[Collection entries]

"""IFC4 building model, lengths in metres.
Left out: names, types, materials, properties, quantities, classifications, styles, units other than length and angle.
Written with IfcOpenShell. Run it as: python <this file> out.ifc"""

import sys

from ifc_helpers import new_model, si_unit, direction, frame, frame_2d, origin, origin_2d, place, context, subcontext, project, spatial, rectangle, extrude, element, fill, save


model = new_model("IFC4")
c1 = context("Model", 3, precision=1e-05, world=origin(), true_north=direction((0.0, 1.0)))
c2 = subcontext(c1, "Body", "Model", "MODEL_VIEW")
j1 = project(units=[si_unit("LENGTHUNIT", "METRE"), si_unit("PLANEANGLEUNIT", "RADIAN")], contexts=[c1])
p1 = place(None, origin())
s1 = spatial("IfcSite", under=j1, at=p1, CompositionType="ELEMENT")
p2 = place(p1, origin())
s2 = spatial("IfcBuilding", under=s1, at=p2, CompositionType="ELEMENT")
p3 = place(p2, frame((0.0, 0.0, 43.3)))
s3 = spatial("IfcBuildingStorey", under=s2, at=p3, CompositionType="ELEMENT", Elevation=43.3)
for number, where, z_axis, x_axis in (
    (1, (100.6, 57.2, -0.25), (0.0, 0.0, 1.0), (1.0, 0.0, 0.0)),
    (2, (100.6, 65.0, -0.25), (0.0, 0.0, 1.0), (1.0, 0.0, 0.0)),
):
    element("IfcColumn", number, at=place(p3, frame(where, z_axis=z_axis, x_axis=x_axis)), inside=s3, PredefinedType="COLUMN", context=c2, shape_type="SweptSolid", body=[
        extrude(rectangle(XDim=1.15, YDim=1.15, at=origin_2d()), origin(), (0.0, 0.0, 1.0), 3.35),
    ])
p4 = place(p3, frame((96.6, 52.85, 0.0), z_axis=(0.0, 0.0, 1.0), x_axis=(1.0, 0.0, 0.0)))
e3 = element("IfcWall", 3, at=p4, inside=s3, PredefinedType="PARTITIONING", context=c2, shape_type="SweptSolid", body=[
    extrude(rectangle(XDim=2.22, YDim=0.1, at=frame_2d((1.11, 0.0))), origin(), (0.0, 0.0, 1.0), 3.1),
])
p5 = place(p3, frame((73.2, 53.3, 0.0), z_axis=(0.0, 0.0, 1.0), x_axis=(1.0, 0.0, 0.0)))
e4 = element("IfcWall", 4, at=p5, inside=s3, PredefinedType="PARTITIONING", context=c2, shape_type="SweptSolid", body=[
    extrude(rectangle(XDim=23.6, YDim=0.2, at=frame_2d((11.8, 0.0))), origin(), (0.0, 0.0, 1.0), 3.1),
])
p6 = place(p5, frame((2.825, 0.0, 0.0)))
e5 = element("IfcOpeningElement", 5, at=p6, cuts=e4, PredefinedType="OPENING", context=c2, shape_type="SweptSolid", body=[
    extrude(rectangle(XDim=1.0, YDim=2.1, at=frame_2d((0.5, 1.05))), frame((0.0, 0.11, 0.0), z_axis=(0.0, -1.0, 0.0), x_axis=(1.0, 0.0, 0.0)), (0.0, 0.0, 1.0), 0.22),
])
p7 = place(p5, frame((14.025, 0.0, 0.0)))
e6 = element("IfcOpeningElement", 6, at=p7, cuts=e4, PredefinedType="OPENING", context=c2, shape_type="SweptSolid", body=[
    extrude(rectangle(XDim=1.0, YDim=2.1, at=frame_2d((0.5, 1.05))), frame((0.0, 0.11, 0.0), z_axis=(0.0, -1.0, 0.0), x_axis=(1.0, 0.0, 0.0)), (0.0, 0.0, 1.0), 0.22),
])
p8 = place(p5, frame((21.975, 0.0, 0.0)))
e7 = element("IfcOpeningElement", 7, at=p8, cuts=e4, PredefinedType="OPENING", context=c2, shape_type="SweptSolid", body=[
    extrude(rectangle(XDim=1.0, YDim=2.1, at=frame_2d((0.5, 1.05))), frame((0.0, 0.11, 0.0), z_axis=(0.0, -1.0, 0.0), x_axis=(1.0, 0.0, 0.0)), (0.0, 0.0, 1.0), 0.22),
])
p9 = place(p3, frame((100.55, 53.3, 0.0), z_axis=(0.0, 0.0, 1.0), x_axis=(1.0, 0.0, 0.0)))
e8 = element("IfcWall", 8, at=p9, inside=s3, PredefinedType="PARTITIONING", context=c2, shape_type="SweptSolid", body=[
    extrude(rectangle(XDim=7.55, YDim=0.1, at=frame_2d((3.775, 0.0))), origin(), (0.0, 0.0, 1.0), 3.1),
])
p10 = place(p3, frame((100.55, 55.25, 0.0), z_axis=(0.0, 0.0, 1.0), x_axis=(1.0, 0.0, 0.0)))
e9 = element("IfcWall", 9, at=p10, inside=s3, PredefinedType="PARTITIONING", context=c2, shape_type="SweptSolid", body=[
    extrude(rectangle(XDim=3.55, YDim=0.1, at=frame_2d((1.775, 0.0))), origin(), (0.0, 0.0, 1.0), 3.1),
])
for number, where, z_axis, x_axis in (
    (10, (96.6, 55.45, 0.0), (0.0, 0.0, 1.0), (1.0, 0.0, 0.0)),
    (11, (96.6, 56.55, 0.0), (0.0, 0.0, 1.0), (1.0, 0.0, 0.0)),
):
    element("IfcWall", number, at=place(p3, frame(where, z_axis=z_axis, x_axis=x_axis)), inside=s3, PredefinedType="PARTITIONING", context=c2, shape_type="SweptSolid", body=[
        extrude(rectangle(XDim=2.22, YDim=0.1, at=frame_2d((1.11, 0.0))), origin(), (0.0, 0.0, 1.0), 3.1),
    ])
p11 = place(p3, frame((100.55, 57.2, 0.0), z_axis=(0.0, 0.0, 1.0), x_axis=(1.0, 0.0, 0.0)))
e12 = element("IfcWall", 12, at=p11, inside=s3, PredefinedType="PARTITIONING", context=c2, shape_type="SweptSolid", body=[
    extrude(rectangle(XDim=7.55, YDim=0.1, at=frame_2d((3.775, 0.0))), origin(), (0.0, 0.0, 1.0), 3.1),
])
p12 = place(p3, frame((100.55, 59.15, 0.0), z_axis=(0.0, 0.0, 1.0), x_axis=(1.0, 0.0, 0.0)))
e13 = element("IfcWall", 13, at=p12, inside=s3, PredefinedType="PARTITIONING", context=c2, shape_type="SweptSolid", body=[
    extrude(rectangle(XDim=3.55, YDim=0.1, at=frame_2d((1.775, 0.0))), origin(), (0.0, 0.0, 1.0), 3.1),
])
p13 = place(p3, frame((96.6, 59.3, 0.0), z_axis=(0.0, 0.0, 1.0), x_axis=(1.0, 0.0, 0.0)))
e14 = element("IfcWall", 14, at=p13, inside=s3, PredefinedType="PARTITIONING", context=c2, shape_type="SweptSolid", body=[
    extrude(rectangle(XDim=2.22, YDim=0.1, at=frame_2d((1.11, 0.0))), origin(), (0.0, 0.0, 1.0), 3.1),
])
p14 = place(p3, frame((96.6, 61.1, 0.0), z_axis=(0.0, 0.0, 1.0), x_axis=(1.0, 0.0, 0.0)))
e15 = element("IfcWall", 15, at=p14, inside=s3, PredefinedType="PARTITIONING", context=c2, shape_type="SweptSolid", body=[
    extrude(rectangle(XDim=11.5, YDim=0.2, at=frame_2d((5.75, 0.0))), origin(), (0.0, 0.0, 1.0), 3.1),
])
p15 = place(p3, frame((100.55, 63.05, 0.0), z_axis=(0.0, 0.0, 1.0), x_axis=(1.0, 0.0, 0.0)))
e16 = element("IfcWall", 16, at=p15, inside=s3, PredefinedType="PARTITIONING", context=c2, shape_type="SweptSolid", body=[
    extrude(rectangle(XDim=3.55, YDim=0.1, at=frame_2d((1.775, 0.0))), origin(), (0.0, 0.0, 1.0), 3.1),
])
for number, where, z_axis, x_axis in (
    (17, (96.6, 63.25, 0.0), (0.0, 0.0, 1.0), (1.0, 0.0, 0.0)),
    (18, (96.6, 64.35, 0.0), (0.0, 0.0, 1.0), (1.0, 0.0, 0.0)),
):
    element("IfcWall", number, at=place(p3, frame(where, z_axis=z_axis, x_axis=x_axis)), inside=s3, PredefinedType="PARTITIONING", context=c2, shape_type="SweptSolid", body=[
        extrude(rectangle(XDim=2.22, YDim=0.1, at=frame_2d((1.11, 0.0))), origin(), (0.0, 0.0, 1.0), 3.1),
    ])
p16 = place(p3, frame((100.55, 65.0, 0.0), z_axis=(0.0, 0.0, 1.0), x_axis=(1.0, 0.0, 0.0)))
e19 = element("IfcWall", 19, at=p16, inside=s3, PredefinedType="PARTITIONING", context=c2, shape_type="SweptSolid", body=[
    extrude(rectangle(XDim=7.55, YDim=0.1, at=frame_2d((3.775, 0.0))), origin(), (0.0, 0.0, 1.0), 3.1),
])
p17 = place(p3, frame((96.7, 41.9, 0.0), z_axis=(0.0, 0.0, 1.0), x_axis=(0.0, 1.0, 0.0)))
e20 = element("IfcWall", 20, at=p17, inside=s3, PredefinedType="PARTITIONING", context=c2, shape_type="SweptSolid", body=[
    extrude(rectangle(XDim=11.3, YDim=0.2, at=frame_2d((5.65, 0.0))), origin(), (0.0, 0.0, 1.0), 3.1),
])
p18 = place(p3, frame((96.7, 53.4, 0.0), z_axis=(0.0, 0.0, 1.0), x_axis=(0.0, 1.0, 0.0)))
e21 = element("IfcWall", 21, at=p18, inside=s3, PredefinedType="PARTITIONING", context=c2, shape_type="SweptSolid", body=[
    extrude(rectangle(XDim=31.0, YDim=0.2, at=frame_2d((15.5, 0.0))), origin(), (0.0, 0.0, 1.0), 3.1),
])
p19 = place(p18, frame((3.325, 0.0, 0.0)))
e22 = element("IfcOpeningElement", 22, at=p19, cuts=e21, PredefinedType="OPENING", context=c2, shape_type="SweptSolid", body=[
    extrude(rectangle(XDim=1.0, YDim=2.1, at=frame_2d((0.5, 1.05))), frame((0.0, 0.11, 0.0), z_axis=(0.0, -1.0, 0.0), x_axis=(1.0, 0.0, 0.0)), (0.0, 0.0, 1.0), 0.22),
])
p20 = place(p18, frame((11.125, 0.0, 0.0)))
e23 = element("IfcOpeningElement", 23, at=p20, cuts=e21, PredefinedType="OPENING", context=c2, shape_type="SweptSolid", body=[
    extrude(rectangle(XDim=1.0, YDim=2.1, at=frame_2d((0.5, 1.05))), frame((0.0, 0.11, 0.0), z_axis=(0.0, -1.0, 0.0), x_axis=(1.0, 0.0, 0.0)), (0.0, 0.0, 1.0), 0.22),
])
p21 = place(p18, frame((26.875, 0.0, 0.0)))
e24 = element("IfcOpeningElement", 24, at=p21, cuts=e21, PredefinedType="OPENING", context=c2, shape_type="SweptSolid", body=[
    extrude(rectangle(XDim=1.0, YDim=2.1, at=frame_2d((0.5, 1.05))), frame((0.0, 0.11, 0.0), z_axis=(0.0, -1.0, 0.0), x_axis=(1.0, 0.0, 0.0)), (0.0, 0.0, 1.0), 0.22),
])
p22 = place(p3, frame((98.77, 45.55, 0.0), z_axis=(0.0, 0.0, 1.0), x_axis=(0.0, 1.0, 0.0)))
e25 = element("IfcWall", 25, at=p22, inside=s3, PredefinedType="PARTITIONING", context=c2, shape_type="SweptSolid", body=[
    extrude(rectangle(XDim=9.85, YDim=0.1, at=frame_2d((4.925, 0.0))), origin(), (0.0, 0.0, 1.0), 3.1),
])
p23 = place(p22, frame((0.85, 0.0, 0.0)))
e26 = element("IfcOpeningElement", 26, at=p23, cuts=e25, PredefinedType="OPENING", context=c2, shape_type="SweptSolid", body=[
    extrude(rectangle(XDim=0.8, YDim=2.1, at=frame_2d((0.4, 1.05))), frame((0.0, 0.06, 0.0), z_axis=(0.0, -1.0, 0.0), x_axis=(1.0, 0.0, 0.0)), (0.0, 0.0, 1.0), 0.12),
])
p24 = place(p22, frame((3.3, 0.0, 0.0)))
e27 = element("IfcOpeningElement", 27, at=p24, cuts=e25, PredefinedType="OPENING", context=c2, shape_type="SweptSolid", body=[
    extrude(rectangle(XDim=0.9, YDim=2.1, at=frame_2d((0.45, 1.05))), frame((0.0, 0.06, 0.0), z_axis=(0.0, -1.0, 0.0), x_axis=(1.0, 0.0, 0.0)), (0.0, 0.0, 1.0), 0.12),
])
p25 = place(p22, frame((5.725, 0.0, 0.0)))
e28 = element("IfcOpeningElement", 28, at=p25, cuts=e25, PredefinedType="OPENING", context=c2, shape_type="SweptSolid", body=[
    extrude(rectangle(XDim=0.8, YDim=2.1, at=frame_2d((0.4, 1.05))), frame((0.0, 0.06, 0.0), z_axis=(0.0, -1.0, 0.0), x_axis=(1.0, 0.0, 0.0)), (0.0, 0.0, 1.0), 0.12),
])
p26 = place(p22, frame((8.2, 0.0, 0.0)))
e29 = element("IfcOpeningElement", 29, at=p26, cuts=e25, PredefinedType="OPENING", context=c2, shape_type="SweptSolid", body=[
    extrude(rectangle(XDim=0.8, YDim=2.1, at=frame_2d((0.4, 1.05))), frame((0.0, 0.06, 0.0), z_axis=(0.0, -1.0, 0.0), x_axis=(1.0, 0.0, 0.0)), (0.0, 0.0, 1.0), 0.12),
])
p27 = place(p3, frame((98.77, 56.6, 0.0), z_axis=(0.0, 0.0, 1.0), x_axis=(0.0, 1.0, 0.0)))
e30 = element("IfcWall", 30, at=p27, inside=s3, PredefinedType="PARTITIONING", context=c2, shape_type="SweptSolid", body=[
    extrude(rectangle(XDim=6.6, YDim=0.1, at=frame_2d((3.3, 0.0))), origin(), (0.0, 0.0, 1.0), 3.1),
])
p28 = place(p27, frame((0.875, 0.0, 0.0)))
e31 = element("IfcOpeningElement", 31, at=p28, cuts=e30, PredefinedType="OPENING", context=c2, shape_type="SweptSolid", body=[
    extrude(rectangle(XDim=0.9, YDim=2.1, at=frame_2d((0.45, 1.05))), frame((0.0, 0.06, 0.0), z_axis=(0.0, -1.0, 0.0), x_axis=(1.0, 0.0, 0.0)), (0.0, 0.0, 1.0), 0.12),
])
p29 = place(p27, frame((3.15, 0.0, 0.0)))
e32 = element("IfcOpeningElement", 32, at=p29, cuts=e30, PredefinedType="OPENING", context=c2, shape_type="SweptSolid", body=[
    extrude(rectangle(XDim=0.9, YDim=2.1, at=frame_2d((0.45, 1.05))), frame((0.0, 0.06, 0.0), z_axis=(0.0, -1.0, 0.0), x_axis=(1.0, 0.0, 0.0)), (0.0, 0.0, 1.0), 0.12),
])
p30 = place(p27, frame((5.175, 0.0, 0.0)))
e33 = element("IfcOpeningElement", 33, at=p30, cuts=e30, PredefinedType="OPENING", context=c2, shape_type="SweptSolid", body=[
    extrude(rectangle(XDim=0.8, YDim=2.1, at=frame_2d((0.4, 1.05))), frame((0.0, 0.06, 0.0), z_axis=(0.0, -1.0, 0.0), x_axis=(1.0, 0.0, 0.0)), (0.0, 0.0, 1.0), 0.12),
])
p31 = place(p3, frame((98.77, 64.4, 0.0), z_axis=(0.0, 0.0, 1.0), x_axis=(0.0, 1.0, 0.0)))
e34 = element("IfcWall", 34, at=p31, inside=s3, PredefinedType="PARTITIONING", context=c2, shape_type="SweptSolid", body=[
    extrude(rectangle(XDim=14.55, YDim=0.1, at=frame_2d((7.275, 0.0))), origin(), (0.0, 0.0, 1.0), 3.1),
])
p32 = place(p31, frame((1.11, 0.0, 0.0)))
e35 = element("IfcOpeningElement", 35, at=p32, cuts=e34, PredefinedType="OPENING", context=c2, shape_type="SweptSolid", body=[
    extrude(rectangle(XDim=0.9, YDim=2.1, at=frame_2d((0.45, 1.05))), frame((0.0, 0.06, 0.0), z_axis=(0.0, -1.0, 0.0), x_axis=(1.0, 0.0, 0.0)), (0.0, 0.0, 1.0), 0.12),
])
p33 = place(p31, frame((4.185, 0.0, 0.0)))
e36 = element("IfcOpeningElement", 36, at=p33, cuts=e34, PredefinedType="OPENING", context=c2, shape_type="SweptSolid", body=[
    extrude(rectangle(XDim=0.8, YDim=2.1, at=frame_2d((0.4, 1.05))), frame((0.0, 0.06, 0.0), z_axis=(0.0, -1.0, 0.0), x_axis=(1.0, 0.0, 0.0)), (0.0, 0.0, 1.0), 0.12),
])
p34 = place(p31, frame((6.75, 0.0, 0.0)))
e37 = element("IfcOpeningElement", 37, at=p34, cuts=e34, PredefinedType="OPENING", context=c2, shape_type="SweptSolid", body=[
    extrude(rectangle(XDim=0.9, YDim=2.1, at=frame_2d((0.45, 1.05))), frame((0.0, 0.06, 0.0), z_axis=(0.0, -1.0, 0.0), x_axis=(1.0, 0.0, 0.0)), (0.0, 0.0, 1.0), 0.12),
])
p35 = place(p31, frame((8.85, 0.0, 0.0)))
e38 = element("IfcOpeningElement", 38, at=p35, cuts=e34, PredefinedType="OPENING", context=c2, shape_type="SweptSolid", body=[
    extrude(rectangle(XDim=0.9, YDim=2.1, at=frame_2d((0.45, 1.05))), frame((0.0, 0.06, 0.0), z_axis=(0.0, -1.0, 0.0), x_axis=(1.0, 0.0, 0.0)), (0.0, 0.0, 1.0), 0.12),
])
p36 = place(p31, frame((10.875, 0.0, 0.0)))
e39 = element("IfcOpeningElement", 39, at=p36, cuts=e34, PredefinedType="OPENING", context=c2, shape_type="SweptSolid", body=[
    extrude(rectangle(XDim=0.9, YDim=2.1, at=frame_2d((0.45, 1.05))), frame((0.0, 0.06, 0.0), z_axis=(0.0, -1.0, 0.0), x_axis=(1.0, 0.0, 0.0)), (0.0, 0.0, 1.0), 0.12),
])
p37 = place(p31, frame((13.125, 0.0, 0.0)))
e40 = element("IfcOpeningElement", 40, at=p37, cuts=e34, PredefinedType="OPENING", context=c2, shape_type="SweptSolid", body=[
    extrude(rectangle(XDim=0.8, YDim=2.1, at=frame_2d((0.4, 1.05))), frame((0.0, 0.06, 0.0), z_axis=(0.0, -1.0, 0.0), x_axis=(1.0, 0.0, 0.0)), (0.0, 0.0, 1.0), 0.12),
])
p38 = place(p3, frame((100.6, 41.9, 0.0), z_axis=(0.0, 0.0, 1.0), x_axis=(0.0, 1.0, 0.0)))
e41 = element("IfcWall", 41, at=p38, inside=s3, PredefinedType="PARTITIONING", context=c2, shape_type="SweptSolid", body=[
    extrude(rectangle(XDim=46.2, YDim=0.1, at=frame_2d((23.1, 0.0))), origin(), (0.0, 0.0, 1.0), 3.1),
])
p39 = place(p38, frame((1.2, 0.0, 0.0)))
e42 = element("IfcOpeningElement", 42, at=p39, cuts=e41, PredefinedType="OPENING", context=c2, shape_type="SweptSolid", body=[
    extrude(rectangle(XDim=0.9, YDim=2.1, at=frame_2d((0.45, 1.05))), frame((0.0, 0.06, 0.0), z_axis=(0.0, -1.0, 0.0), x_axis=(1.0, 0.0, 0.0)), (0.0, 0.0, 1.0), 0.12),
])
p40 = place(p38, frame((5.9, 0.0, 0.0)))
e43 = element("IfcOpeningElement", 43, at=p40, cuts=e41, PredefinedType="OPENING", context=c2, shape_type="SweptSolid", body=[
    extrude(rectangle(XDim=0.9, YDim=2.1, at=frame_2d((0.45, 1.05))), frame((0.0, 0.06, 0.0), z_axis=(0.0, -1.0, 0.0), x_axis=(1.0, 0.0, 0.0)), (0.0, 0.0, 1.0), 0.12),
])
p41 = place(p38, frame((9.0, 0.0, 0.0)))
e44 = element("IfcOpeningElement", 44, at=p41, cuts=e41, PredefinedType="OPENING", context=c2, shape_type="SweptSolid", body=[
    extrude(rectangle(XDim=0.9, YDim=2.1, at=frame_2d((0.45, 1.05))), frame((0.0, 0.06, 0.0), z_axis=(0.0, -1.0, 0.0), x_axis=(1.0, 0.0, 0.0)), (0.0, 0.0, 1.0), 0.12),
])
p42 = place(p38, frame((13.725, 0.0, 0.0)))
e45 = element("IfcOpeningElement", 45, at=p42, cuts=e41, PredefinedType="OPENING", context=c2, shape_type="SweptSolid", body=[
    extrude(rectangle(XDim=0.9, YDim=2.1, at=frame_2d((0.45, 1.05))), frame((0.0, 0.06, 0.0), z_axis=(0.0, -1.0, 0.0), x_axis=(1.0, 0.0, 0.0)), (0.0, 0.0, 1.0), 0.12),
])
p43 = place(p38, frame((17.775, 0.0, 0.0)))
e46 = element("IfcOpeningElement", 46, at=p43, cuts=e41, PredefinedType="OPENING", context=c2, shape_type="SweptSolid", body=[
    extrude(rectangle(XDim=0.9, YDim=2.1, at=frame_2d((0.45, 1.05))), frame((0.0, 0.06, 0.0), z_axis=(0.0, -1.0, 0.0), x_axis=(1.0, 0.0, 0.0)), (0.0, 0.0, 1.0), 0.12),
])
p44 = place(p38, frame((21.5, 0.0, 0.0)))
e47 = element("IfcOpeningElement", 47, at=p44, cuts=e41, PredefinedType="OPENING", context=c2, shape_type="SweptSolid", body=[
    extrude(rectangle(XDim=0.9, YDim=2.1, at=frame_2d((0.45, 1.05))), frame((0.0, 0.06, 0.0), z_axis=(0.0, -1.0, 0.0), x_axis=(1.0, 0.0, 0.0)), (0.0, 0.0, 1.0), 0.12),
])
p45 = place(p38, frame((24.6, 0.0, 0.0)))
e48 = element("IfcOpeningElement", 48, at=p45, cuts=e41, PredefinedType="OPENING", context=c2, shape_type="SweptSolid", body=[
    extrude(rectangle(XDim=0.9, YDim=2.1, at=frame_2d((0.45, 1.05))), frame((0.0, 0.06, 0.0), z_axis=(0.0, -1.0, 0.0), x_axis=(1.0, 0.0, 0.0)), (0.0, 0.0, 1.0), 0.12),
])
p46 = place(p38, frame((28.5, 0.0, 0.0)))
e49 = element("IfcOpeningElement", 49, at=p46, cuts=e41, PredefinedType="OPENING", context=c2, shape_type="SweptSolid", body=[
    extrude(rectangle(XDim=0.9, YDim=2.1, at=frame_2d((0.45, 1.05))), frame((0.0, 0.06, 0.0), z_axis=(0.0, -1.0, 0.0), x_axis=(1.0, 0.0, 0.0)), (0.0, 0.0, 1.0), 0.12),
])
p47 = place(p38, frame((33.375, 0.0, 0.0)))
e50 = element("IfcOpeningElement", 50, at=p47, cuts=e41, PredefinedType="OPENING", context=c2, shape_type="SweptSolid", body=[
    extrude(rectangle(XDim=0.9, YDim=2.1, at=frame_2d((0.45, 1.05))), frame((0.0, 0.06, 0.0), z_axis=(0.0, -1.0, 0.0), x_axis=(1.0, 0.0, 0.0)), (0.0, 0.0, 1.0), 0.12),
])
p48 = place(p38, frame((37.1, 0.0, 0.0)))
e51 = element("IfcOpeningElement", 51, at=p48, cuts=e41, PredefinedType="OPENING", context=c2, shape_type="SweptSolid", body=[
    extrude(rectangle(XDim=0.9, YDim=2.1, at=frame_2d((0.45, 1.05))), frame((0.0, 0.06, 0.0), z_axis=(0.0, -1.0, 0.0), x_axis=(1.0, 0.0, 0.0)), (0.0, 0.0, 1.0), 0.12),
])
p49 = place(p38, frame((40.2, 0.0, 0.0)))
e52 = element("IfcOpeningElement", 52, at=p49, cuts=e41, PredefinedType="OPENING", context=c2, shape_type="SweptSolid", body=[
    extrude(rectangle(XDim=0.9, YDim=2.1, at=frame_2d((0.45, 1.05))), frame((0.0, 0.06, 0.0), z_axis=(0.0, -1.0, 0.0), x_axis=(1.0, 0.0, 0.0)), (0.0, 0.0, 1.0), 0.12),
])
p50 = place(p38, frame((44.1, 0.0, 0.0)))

**Exercise description:** Read through the data and copy every line where "direction" shows up.

**Expected output:**
from ifc_helpers import new_model, si_unit, direction, frame, frame_2d, origin, origin_2d, place, context, subcontext, project, spatial, rectangle, extrude, element, fill, save
c1 = context("Model", 3, precision=1e-05, world=origin(), true_north=direction((0.0, 1.0)))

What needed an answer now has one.